▼

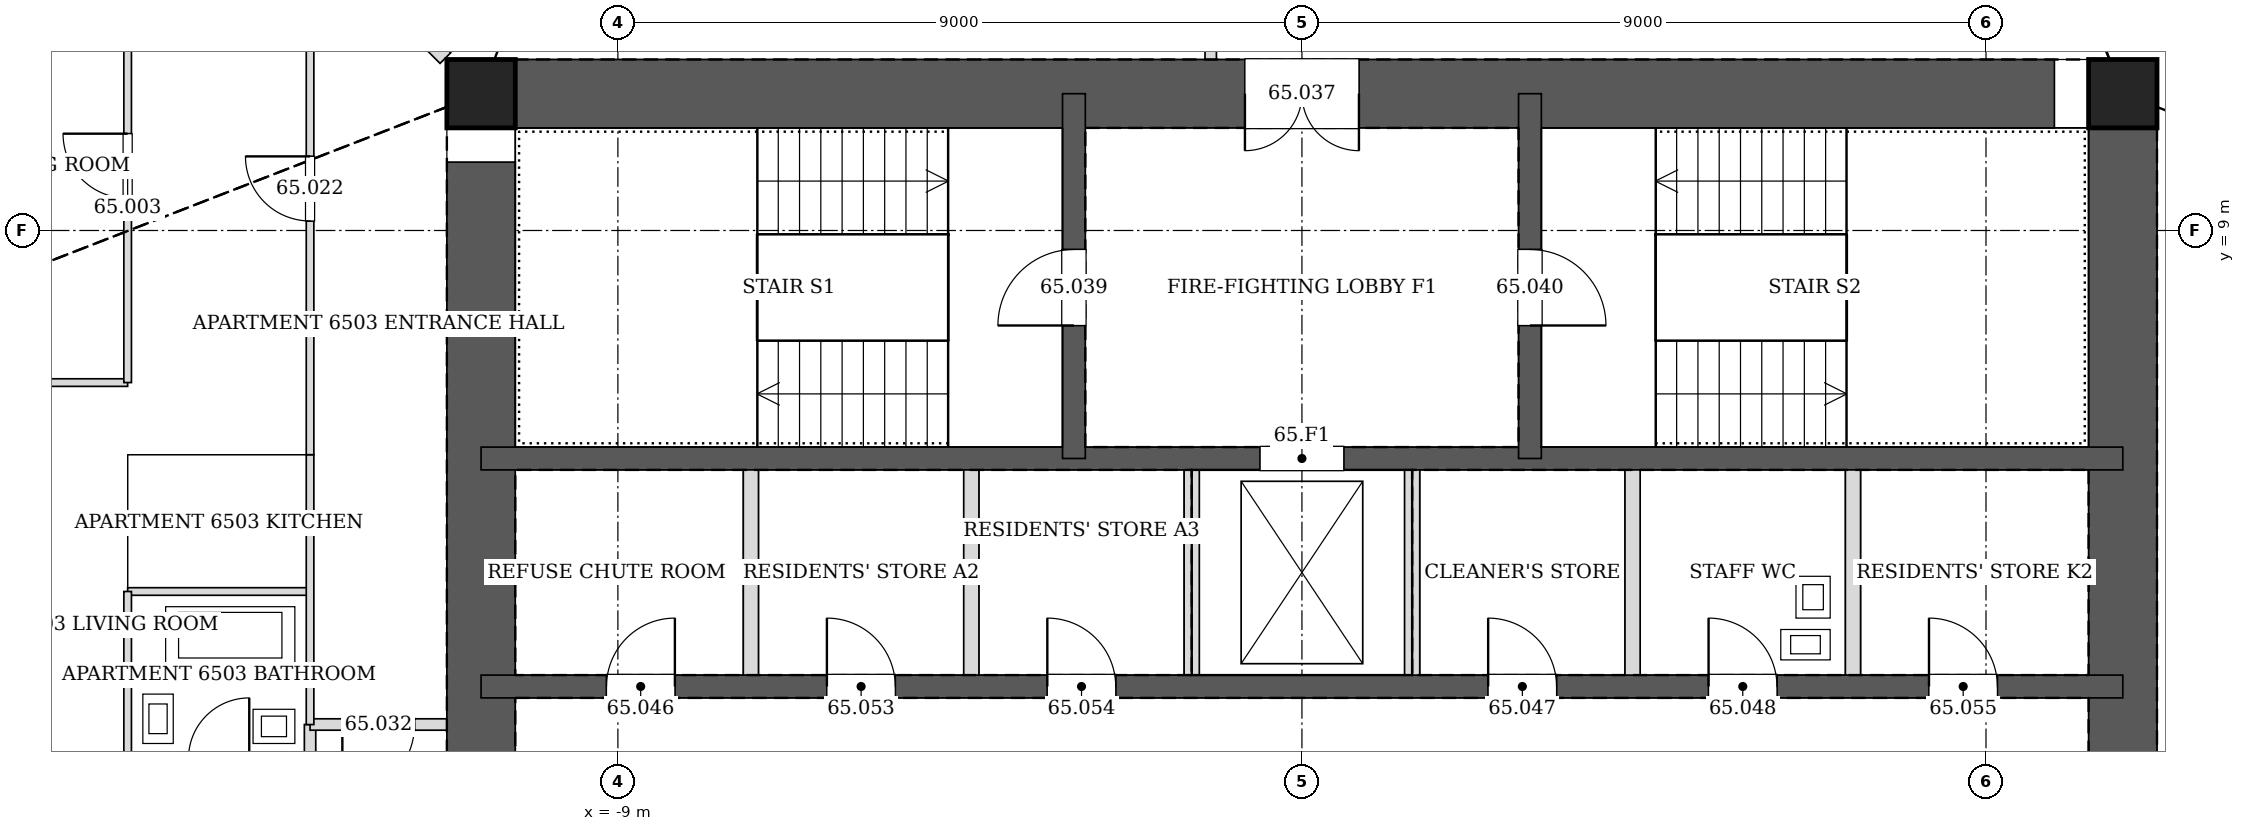
"""IFC4 building model, lengths in metres.
Left out: names, types, materials, properties, quantities, classifications, styles, units other than length and angle.
Written with IfcOpenShell. Run it as: python <this file> out.ifc"""

import sys

from ifc_helpers import new_model, si_unit, direction, frame, frame_2d, origin, origin_2d, place, context, subcontext, project, spatial, rectangle, hollow_rectangle, extrude, element, fill, save


model = new_model("IFC4")
c1 = context("Model", 3, precision=1e-05, world=origin(), true_north=direction((0.0, 1.0)))
c2 = subcontext(c1, "Body", "Model", "MODEL_VIEW")
j1 = project(units=[si_unit("LENGTHUNIT", "METRE"), si_unit("PLANEANGLEUNIT", "RADIAN")], contexts=[c1])
p1 = place(None, origin())
s1 = spatial("IfcSite", under=j1, at=p1, CompositionType="ELEMENT")
p2 = place(p1, origin())
s2 = spatial("IfcBuilding", under=s1, at=p2, CompositionType="ELEMENT")
p3 = place(p2, frame((0.0, 0.0, 270.8)))
s3 = spatial("IfcBuildingStorey", under=s2, at=p3, CompositionType="ELEMENT", Elevation=270.8)
for number, where, z_axis, x_axis in (
    (1, (10.8, 10.8, 0.0), (0.0, 0.0, 1.0), (1.0, 0.0, 0.0)),
    (2, (-10.8, 10.8, 0.0), (0.0, 0.0, 1.0), (1.0, 0.0, 0.0)),
):
    element("IfcColumn", number, at=place(p3, frame(where, z_axis=z_axis, x_axis=x_axis)), inside=s3, PredefinedType="COLUMN", context=c2, shape_type="SweptSolid", body=[
        extrude(hollow_rectangle(XDim=0.9, YDim=0.9, WallThickness=0.04, at=origin_2d()), origin(), (0.0, 0.0, 1.0), 3.4),
    ])
p4 = place(p3, frame((10.8, -10.8, 0.0), z_axis=(0.0, 0.0, 1.0), x_axis=(0.0, 1.0, 0.0)))
e3 = element("IfcWall", 3, at=p4, inside=s3, PredefinedType="SOLIDWALL", context=c2, shape_type="SweptSolid", body=[
    extrude(rectangle(XDim=21.6, YDim=0.9, at=frame_2d((10.8, 0.0))), origin(), (0.0, 0.0, 1.0), 3.4),
])
p5 = place(p4, frame((11.7, 0.0, 0.0)))
e4 = element("IfcOpeningElement", 4, at=p5, cuts=e3, PredefinedType="OPENING", context=c2, shape_type="SweptSolid", body=[
    extrude(rectangle(XDim=1.2, YDim=2.1, at=frame_2d((0.6, 1.05))), frame((0.0, 0.46, 0.0), z_axis=(0.0, -1.0, 0.0), x_axis=(1.0, 0.0, 0.0)), (0.0, 0.0, 1.0), 0.92),
])
p6 = place(p4, frame((8.7, 0.0, 0.0)))
e5 = element("IfcOpeningElement", 5, at=p6, cuts=e3, PredefinedType="OPENING", context=c2, shape_type="SweptSolid", body=[
    extrude(rectangle(XDim=1.2, YDim=2.1, at=frame_2d((0.6, 1.05))), frame((0.0, 0.46, 0.0), z_axis=(0.0, -1.0, 0.0), x_axis=(1.0, 0.0, 0.0)), (0.0, 0.0, 1.0), 0.92),
])
p7 = place(p3, frame((10.8, 10.8, 0.0), z_axis=(0.0, 0.0, 1.0), x_axis=(-1.0, 0.0, 0.0)))
e6 = element("IfcWall", 6, at=p7, inside=s3, PredefinedType="SOLIDWALL", context=c2, shape_type="SweptSolid", body=[
    extrude(rectangle(XDim=21.6, YDim=0.9, at=frame_2d((10.8, 0.0))), origin(), (0.0, 0.0, 1.0), 3.4),
])
p8 = place(p7, frame((10.05, 0.0, 0.0)))
e7 = element("IfcOpeningElement", 7, at=p8, cuts=e6, PredefinedType="OPENING", context=c2, shape_type="SweptSolid", body=[
    extrude(rectangle(XDim=1.5, YDim=2.1, at=frame_2d((0.75, 1.05))), frame((0.0, 0.46, 0.0), z_axis=(0.0, -1.0, 0.0), x_axis=(1.0, 0.0, 0.0)), (0.0, 0.0, 1.0), 0.92),
])
p9 = place(p3, frame((-10.8, 10.8, 0.0), z_axis=(0.0, 0.0, 1.0), x_axis=(0.0, -1.0, 0.0)))
e8 = element("IfcWall", 8, at=p9, inside=s3, PredefinedType="SOLIDWALL", context=c2, shape_type="SweptSolid", body=[
    extrude(rectangle(XDim=21.6, YDim=0.9, at=frame_2d((10.8, 0.0))), origin(), (0.0, 0.0, 1.0), 3.4),
])
p10 = place(p9, frame((8.7, 0.0, 0.0)))
e9 = element("IfcOpeningElement", 9, at=p10, cuts=e8, PredefinedType="OPENING", context=c2, shape_type="SweptSolid", body=[
    extrude(rectangle(XDim=1.2, YDim=2.1, at=frame_2d((0.6, 1.05))), frame((0.0, 0.46, 0.0), z_axis=(0.0, -1.0, 0.0), x_axis=(1.0, 0.0, 0.0)), (0.0, 0.0, 1.0), 0.92),
])
p11 = place(p9, frame((11.7, 0.0, 0.0)))
e10 = element("IfcOpeningElement", 10, at=p11, cuts=e8, PredefinedType="OPENING", context=c2, shape_type="SweptSolid", body=[
    extrude(rectangle(XDim=1.2, YDim=2.1, at=frame_2d((0.6, 1.05))), frame((0.0, 0.46, 0.0), z_axis=(0.0, -1.0, 0.0), x_axis=(1.0, 0.0, 0.0)), (0.0, 0.0, 1.0), 0.92),
])
p12 = place(p3, frame((-10.8, 3.0, 0.0), z_axis=(0.0, 0.0, 1.0), x_axis=(1.0, 0.0, 0.0)))
e11 = element("IfcWall", 11, at=p12, inside=s3, PredefinedType="SOLIDWALL", context=c2, shape_type="SweptSolid", body=[
    extrude(rectangle(XDim=21.6, YDim=0.3, at=frame_2d((10.8, 0.0))), origin(), (0.0, 0.0, 1.0), 3.4),
])
p13 = place(p12, frame((1.65, 0.0, 0.0)))
e12 = element("IfcOpeningElement", 12, at=p13, cuts=e11, PredefinedType="OPENING", context=c2, shape_type="SweptSolid", body=[
    extrude(rectangle(XDim=0.9, YDim=2.1, at=frame_2d((0.45, 1.05))), frame((0.0, 0.16, 0.0), z_axis=(0.0, -1.0, 0.0), x_axis=(1.0, 0.0, 0.0)), (0.0, 0.0, 1.0), 0.32),
])
p14 = place(p12, frame((13.25, 0.0, 0.0)))
e13 = element("IfcOpeningElement", 13, at=p14, cuts=e11, PredefinedType="OPENING", context=c2, shape_type="SweptSolid", body=[
    extrude(rectangle(XDim=0.9, YDim=2.1, at=frame_2d((0.45, 1.05))), frame((0.0, 0.16, 0.0), z_axis=(0.0, -1.0, 0.0), x_axis=(1.0, 0.0, 0.0)), (0.0, 0.0, 1.0), 0.32),
])
p15 = place(p12, frame((16.15, 0.0, 0.0)))
e14 = element("IfcOpeningElement", 14, at=p15, cuts=e11, PredefinedType="OPENING", context=c2, shape_type="SweptSolid", body=[
    extrude(rectangle(XDim=0.9, YDim=2.1, at=frame_2d((0.45, 1.05))), frame((0.0, 0.16, 0.0), z_axis=(0.0, -1.0, 0.0), x_axis=(1.0, 0.0, 0.0)), (0.0, 0.0, 1.0), 0.32),
])
p16 = place(p12, frame((4.55, 0.0, 0.0)))
e15 = element("IfcOpeningElement", 15, at=p16, cuts=e11, PredefinedType="OPENING", context=c2, shape_type="SweptSolid", body=[
    extrude(rectangle(XDim=0.9, YDim=2.1, at=frame_2d((0.45, 1.05))), frame((0.0, 0.16, 0.0), z_axis=(0.0, -1.0, 0.0), x_axis=(1.0, 0.0, 0.0)), (0.0, 0.0, 1.0), 0.32),
])
p17 = place(p12, frame((7.45, 0.0, 0.0)))
e16 = element("IfcOpeningElement", 16, at=p17, cuts=e11, PredefinedType="OPENING", context=c2, shape_type="SweptSolid", body=[
    extrude(rectangle(XDim=0.9, YDim=2.1, at=frame_2d((0.45, 1.05))), frame((0.0, 0.16, 0.0), z_axis=(0.0, -1.0, 0.0), x_axis=(1.0, 0.0, 0.0)), (0.0, 0.0, 1.0), 0.32),
])
p18 = place(p12, frame((19.05, 0.0, 0.0)))
e17 = element("IfcOpeningElement", 17, at=p18, cuts=e11, PredefinedType="OPENING", context=c2, shape_type="SweptSolid", body=[
    extrude(rectangle(XDim=0.9, YDim=2.1, at=frame_2d((0.45, 1.05))), frame((0.0, 0.16, 0.0), z_axis=(0.0, -1.0, 0.0), x_axis=(1.0, 0.0, 0.0)), (0.0, 0.0, 1.0), 0.32),
])
p19 = place(p3, frame((-10.8, 6.0, 0.0), z_axis=(0.0, 0.0, 1.0), x_axis=(1.0, 0.0, 0.0)))
e18 = element("IfcWall", 18, at=p19, inside=s3, PredefinedType="SOLIDWALL", context=c2, shape_type="SweptSolid", body=[
    extrude(rectangle(XDim=21.6, YDim=0.3, at=frame_2d((10.8, 0.0))), origin(), (0.0, 0.0, 1.0), 3.4),
])
p20 = place(p19, frame((10.25, 0.0, 0.0)))
e19 = element("IfcOpeningElement", 19, at=p20, cuts=e18, PredefinedType="OPENING", context=c2, shape_type="SweptSolid", body=[
    extrude(rectangle(XDim=1.1, YDim=2.1, at=frame_2d((0.55, 1.05))), frame((0.0, 0.16, 0.0), z_axis=(0.0, -1.0, 0.0), x_axis=(1.0, 0.0, 0.0)), (0.0, 0.0, 1.0), 0.32),
])
p21 = place(p3, frame((-3.0, 6.0, 0.0), z_axis=(0.0, 0.0, 1.0), x_axis=(0.0, 1.0, 0.0)))
e20 = element("IfcWall", 20, at=p21, inside=s3, PredefinedType="SOLIDWALL", context=c2, shape_type="SweptSolid", body=[
    extrude(rectangle(XDim=4.8, YDim=0.3, at=frame_2d((2.4, 0.0))), origin(), (0.0, 0.0, 1.0), 3.4),
])
p22 = place(p21, frame((1.75, 0.0, 0.0)))
e21 = element("IfcOpeningElement", 21, at=p22, cuts=e20, PredefinedType="OPENING", context=c2, shape_type="SweptSolid", body=[
    extrude(rectangle(XDim=1.0, YDim=2.1, at=frame_2d((0.5, 1.05))), frame((0.0, 0.16, 0.0), z_axis=(0.0, -1.0, 0.0), x_axis=(1.0, 0.0, 0.0)), (0.0, 0.0, 1.0), 0.32),
])
p23 = place(p3, frame((3.0, 6.0, 0.0), z_axis=(0.0, 0.0, 1.0), x_axis=(0.0, 1.0, 0.0)))
e22 = element("IfcWall", 22, at=p23, inside=s3, PredefinedType="SOLIDWALL", context=c2, shape_type="SweptSolid", body=[
    extrude(rectangle(XDim=4.8, YDim=0.3, at=frame_2d((2.4, 0.0))), origin(), (0.0, 0.0, 1.0), 3.4),
])
p24 = place(p23, frame((1.75, 0.0, 0.0)))
e23 = element("IfcOpeningElement", 23, at=p24, cuts=e22, PredefinedType="OPENING", context=c2, shape_type="SweptSolid", body=[
    extrude(rectangle(XDim=1.0, YDim=2.1, at=frame_2d((0.5, 1.05))), frame((0.0, 0.16, 0.0), z_axis=(0.0, -1.0, 0.0), x_axis=(1.0, 0.0, 0.0)), (0.0, 0.0, 1.0), 0.32),
])
p25 = place(p3, frame((-1.2, 13.05, 0.0), z_axis=(0.0, 0.0, 1.0), x_axis=(0.0, -1.0, 0.0)))
e24 = element("IfcWall", 24, at=p25, inside=s3, PredefinedType="PARTITIONING", context=c2, shape_type="SweptSolid", body=[
    extrude(rectangle(XDim=1.8, YDim=0.15, at=frame_2d((0.9, 0.0))), origin(), (0.0, 0.0, 1.0), 3.2),
])
p26 = place(p25, frame((0.425, 0.0, 0.0)))
e25 = element("IfcOpeningElement", 25, at=p26, cuts=e24, PredefinedType="OPENING", context=c2, shape_type="SweptSolid", body=[
    extrude(rectangle(XDim=0.95, YDim=2.1, at=frame_2d((0.475, 1.05))), frame((0.0, 0.085, 0.0), z_axis=(0.0, -1.0, 0.0), x_axis=(1.0, 0.0, 0.0)), (0.0, 0.0, 1.0), 0.17),
])
p27 = place(p3, frame((-13.05, 2.5, 0.0), z_axis=(0.0, 0.0, 1.0), x_axis=(0.0, -1.0, 0.0)))
e26 = element("IfcWall", 26, at=p27, inside=s3, PredefinedType="PARTITIONING", context=c2, shape_type="SweptSolid", body=[
    extrude(rectangle(XDim=0.451, YDim=0.15, at=frame_2d((0.226, 0.0))), origin(), (0.0, 0.0, 1.0), 3.2),
])
p28 = place(p3, frame((-11.25, 2.5, 0.0), z_axis=(0.0, 0.0, 1.0), x_axis=(-1.0, 0.0, 0.0)))
e27 = element("IfcWall", 27, at=p28, inside=s3, PredefinedType="PARTITIONING", context=c2, shape_type="SweptSolid", body=[
    extrude(rectangle(XDim=1.8, YDim=0.15, at=frame_2d((0.9, 0.0))), origin(), (0.0, 0.0, 1.0), 3.2),
])
p29 = place(p28, frame((0.425, 0.0, 0.0)))
e28 = element("IfcOpeningElement", 28, at=p29, cuts=e27, PredefinedType="OPENING", context=c2, shape_type="SweptSolid", body=[
    extrude(rectangle(XDim=0.95, YDim=2.1, at=frame_2d((0.475, 1.05))), frame((0.0, 0.085, 0.0), z_axis=(0.0, -1.0, 0.0), x_axis=(1.0, 0.0, 0.0)), (0.0, 0.0, 1.0), 0.17),
])
p30 = place(p3, frame((-18.198, 6.999, 0.0), z_axis=(0.0, 0.0, 1.0), x_axis=(1.0, 0.0, 0.0)))
e29 = element("IfcWall", 29, at=p30, inside=s3, PredefinedType="PARTITIONING", context=c2, shape_type="SweptSolid", body=[
    extrude(rectangle(XDim=2.748, YDim=0.1, at=frame_2d((1.374, 0.0))), origin(), (0.0, 0.0, 1.0), 2.591),
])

▲

- Exercise brief:
Run a filter over the data above and keep each line that contains the word "project".

- Response box:
from ifc_helpers import new_model, si_unit, direction, frame, frame_2d, origin, origin_2d, place, context, subcontext, project, spatial, rectangle, hollow_rectangle, extrude, element, fill, save
j1 = project(units=[si_unit("LENGTHUNIT", "METRE"), si_unit("PLANEANGLEUNIT", "RADIAN")], contexts=[c1])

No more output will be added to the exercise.